__Task objective__: Reproduce every line in the material below that holds "save".

** Opening Information given block **

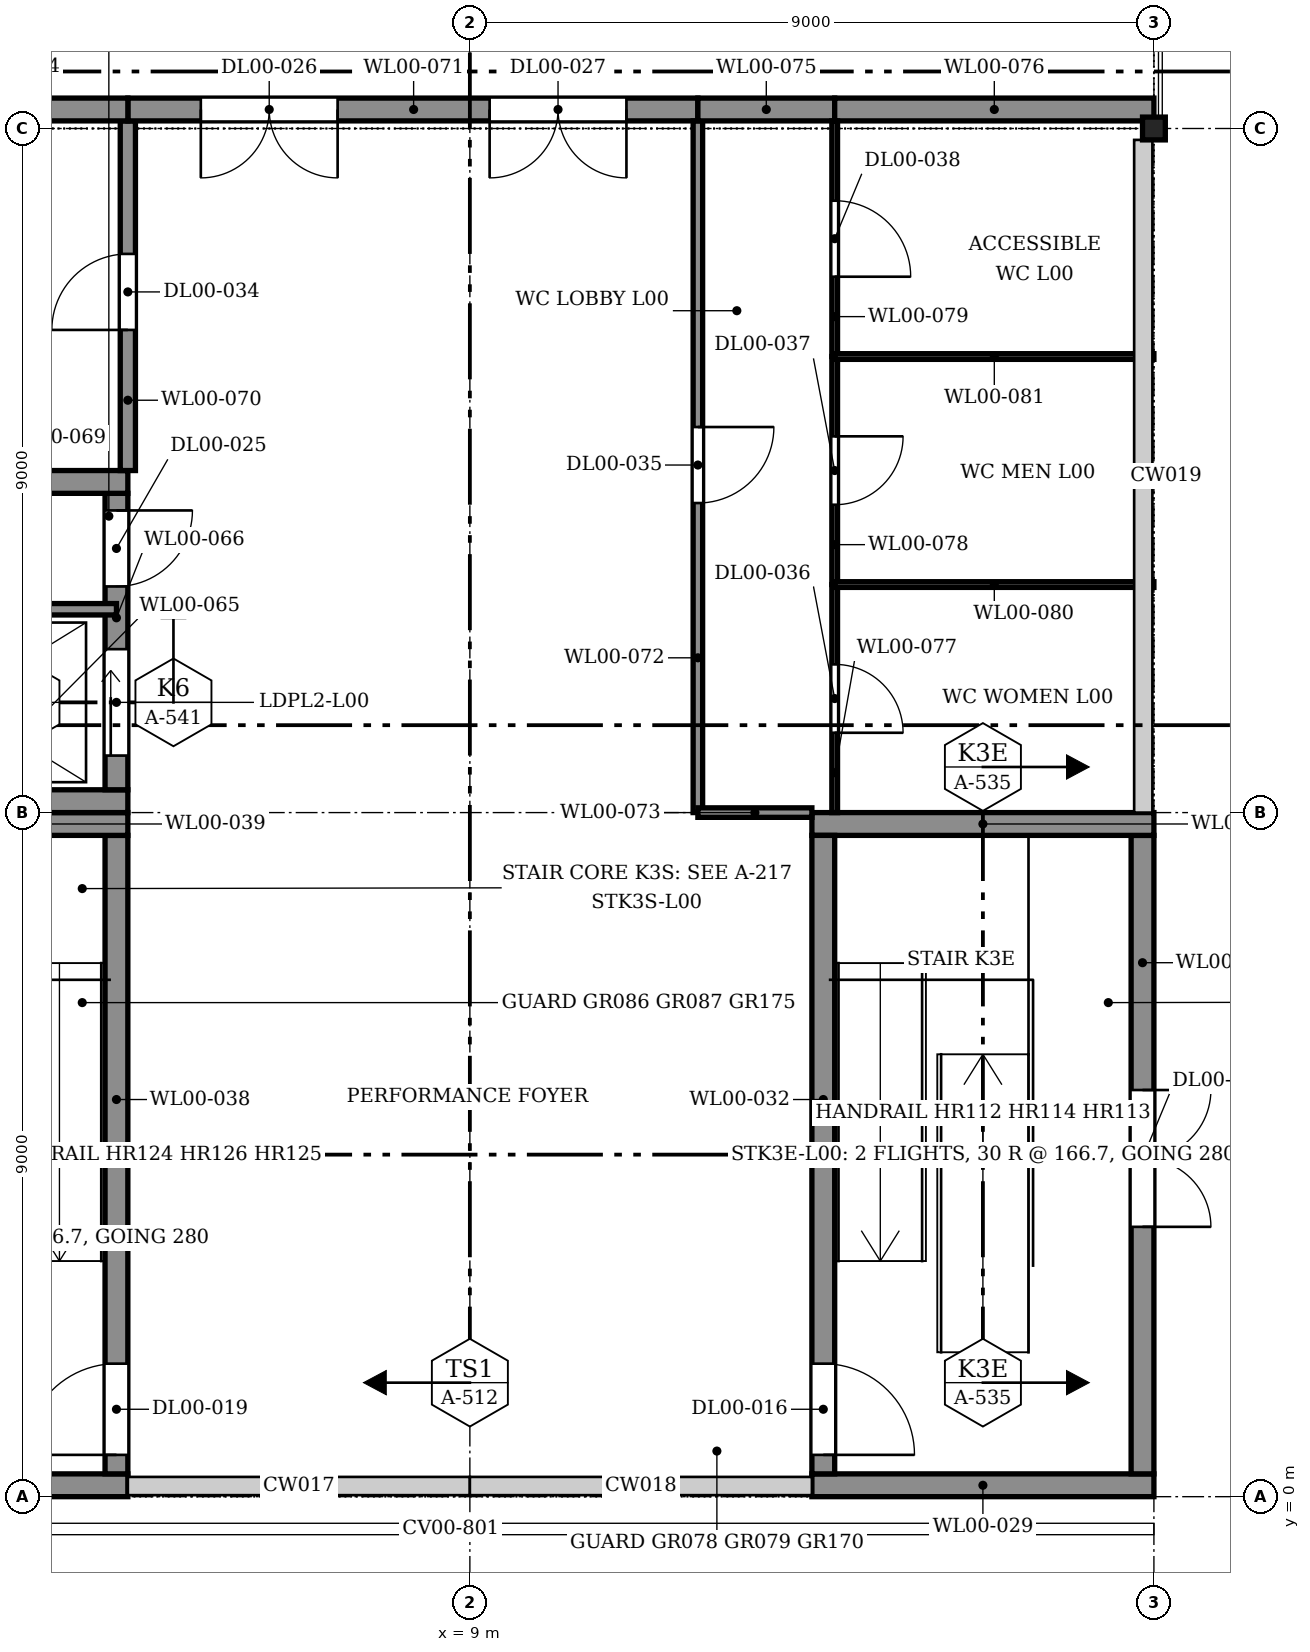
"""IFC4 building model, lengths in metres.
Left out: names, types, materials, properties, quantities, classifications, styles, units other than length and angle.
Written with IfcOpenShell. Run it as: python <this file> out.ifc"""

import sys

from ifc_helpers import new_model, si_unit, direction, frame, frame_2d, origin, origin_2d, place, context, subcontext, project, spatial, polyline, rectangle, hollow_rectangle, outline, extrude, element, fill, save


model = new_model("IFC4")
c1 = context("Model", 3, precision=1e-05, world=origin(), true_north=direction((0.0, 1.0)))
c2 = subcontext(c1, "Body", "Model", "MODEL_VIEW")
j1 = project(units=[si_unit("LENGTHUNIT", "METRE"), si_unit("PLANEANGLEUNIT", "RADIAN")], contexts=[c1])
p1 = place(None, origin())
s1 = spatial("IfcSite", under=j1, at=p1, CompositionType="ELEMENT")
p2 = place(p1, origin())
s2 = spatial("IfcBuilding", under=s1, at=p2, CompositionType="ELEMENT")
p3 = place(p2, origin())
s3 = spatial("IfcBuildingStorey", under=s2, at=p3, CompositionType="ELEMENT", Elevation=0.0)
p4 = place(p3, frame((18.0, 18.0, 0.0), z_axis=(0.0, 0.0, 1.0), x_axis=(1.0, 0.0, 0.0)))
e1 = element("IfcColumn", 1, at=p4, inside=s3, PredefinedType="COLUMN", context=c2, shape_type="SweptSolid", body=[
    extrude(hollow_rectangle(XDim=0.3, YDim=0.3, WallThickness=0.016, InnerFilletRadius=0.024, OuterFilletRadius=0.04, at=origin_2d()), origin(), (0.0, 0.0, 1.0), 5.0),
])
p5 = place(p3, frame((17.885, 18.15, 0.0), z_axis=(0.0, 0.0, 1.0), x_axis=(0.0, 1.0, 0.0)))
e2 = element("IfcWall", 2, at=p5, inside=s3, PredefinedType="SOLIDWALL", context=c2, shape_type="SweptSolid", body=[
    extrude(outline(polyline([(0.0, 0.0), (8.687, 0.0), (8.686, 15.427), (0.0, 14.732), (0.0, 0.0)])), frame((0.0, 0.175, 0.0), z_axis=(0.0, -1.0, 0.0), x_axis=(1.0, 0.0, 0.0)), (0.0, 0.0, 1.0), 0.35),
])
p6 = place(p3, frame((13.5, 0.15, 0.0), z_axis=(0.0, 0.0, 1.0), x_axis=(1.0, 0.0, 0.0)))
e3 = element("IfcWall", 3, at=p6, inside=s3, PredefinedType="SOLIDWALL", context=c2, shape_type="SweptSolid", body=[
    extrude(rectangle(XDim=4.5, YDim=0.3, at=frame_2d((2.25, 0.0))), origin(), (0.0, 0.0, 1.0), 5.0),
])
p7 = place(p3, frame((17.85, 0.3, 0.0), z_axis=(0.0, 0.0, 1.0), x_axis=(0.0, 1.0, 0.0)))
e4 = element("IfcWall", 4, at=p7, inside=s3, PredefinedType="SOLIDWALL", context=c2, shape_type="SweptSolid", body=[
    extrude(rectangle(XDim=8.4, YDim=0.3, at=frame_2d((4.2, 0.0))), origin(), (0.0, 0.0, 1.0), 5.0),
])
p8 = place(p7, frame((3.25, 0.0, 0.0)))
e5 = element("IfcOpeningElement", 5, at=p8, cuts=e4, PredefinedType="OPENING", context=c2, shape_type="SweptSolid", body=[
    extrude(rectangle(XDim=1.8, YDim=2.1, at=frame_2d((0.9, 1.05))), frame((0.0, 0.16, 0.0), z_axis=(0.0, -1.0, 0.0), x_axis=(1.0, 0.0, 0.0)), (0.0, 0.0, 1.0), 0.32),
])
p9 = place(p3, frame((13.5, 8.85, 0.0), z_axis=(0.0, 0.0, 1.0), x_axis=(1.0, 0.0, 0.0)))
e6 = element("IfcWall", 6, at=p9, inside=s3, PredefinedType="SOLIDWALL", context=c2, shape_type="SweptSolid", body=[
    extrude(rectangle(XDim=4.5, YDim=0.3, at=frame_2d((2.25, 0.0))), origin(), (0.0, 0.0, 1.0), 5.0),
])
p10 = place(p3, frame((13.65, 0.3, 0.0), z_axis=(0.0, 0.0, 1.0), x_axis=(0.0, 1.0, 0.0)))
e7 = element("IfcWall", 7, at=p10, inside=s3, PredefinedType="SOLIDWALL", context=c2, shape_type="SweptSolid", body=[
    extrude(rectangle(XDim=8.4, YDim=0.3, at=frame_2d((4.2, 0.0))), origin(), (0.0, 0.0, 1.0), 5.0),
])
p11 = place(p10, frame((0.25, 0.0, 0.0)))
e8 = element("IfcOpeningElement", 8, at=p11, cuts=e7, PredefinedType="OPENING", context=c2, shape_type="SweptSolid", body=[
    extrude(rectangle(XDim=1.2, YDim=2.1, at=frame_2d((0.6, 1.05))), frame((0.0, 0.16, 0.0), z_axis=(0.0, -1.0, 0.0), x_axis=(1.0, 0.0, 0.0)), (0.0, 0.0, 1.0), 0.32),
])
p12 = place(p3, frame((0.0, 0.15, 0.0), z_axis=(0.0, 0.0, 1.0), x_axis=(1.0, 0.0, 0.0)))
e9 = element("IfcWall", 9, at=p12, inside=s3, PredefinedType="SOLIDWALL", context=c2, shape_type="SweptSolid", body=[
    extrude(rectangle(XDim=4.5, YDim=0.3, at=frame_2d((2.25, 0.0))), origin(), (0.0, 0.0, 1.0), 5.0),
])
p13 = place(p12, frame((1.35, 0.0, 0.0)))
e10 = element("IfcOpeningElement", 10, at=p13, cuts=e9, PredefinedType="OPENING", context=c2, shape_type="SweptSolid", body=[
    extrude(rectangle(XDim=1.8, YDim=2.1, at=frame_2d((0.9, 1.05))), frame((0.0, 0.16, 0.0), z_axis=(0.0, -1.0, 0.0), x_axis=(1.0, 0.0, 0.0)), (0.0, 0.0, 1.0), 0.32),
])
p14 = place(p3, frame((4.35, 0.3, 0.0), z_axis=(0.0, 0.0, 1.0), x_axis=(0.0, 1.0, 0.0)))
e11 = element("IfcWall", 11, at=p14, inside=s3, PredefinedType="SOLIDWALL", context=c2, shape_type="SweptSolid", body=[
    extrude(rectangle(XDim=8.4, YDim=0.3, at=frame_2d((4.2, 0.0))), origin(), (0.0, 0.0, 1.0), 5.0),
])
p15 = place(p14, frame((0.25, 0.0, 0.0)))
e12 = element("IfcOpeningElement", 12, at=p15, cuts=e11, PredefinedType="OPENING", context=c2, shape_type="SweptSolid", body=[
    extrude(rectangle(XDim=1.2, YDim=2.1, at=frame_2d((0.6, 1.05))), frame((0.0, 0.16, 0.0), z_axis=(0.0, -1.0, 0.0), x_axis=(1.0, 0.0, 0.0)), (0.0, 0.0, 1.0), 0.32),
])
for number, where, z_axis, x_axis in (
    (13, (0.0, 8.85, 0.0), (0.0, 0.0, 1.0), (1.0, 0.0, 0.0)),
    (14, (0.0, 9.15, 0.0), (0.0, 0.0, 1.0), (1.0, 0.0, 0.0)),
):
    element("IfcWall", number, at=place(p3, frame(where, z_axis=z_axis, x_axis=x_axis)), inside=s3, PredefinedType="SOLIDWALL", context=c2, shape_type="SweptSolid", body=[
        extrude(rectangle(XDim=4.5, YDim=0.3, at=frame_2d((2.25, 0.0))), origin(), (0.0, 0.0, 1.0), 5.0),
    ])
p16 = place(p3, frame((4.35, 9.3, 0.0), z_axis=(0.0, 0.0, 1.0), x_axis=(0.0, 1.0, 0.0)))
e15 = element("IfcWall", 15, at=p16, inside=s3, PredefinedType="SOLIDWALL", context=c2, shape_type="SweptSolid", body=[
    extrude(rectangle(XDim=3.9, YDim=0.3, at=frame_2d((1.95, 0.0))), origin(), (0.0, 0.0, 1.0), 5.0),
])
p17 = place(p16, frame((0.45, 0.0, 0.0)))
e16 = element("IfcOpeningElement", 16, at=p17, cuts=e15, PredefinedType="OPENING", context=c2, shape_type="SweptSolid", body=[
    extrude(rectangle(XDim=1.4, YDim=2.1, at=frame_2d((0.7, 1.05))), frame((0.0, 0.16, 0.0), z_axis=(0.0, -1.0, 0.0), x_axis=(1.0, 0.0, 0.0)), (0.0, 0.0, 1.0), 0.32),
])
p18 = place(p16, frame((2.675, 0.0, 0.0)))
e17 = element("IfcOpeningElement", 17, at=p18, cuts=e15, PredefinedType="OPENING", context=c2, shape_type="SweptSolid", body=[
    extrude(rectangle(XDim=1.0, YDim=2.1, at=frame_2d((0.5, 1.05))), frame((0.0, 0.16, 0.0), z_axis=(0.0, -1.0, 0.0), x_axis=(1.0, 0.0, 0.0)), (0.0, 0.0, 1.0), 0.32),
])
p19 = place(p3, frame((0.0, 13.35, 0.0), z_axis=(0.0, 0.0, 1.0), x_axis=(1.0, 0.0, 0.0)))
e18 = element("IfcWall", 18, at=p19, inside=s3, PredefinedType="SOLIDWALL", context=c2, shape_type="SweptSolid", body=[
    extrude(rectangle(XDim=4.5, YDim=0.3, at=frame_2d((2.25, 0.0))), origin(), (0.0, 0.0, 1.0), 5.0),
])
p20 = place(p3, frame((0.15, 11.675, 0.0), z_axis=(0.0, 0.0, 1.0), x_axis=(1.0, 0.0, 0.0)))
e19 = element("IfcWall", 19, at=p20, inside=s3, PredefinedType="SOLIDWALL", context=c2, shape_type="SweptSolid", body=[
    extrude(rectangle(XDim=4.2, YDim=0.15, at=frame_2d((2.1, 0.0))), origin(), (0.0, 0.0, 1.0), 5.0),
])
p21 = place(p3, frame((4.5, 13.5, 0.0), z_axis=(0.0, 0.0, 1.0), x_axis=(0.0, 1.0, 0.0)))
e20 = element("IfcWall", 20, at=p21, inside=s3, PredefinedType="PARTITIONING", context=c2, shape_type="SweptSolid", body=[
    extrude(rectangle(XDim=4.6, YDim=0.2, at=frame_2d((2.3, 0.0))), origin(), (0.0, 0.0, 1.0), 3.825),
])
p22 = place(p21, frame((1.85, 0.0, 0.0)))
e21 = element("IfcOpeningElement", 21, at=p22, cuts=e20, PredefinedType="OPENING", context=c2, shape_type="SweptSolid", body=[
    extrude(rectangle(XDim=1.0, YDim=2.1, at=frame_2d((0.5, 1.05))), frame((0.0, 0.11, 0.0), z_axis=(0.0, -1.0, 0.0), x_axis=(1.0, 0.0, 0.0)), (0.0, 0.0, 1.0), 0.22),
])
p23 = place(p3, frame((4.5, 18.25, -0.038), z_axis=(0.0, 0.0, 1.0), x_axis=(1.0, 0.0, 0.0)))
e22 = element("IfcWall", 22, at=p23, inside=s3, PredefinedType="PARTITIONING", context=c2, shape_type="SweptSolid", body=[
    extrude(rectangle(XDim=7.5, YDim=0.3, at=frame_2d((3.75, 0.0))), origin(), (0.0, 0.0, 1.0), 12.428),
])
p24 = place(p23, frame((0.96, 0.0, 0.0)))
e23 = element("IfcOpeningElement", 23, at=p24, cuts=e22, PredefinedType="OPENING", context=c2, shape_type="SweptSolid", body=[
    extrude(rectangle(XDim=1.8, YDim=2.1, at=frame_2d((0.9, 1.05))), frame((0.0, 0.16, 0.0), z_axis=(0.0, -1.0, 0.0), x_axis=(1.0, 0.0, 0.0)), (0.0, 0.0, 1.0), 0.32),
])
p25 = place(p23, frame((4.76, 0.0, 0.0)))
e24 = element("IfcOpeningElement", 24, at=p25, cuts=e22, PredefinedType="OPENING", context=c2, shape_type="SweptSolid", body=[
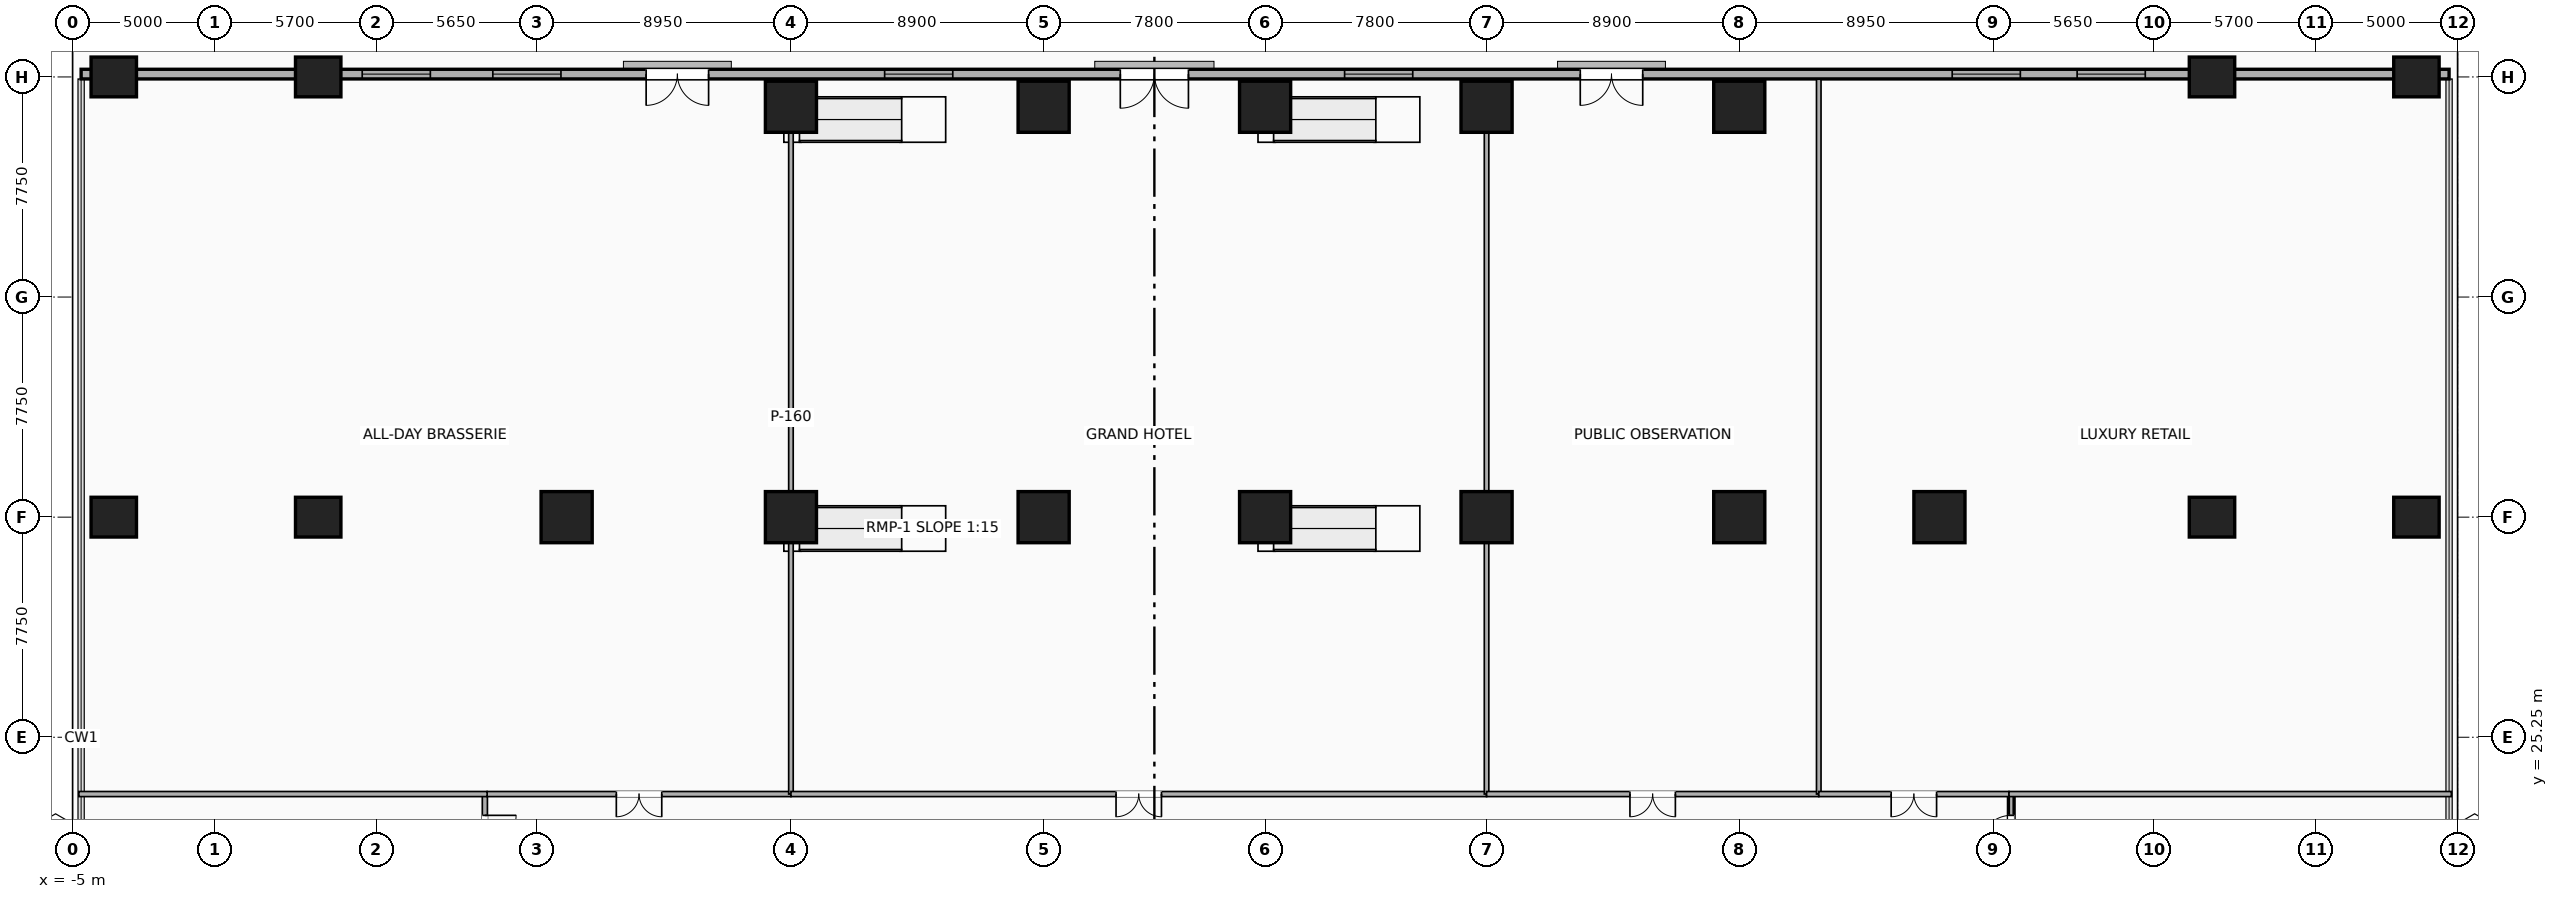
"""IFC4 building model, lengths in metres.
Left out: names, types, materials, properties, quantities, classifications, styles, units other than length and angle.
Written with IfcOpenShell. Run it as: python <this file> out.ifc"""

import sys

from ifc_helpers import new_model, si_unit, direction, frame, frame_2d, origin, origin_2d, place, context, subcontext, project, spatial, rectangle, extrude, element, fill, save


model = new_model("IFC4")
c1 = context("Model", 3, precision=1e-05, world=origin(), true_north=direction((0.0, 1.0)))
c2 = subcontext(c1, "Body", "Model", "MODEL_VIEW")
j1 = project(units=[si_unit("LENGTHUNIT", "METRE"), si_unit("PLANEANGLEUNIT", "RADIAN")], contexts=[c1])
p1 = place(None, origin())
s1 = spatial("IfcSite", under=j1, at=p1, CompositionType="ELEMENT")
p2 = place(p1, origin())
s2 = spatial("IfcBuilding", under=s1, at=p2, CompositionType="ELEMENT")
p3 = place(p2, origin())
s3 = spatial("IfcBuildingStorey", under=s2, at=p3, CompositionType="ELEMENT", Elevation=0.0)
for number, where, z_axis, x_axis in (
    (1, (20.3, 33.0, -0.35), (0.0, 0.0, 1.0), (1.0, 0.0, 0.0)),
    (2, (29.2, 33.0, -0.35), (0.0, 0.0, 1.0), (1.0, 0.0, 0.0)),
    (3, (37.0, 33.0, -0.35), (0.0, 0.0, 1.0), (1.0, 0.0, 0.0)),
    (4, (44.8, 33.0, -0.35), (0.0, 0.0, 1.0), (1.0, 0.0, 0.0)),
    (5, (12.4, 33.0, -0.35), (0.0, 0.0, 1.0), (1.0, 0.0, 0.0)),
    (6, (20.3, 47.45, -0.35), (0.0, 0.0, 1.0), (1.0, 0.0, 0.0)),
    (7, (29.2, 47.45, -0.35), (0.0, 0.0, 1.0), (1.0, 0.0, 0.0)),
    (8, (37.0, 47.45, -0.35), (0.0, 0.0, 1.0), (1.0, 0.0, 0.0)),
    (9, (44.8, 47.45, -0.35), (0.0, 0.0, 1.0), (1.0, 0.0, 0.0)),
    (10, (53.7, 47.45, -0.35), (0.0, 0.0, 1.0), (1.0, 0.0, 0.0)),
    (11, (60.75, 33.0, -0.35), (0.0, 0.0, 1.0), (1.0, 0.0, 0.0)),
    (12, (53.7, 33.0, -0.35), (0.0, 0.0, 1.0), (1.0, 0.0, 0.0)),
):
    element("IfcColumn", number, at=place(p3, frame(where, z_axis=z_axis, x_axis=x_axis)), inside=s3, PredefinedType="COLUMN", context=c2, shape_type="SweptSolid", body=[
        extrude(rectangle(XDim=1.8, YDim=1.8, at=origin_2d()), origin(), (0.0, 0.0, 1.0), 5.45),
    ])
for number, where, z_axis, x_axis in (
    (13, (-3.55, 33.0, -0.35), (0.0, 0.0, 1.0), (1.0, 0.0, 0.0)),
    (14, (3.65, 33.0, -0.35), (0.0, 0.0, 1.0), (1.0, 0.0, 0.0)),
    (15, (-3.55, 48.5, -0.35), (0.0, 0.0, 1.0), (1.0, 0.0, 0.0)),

** Closing Information given block **

__Solution to this problem__:
from ifc_helpers import new_model, si_unit, direction, frame, frame_2d, origin, origin_2d, place, context, subcontext, project, spatial, polyline, rectangle, hollow_rectangle, outline, extrude, element, fill, save
from ifc_helpers import new_model, si_unit, direction, frame, frame_2d, origin, origin_2d, place, context, subcontext, project, spatial, rectangle, extrude, element, fill, save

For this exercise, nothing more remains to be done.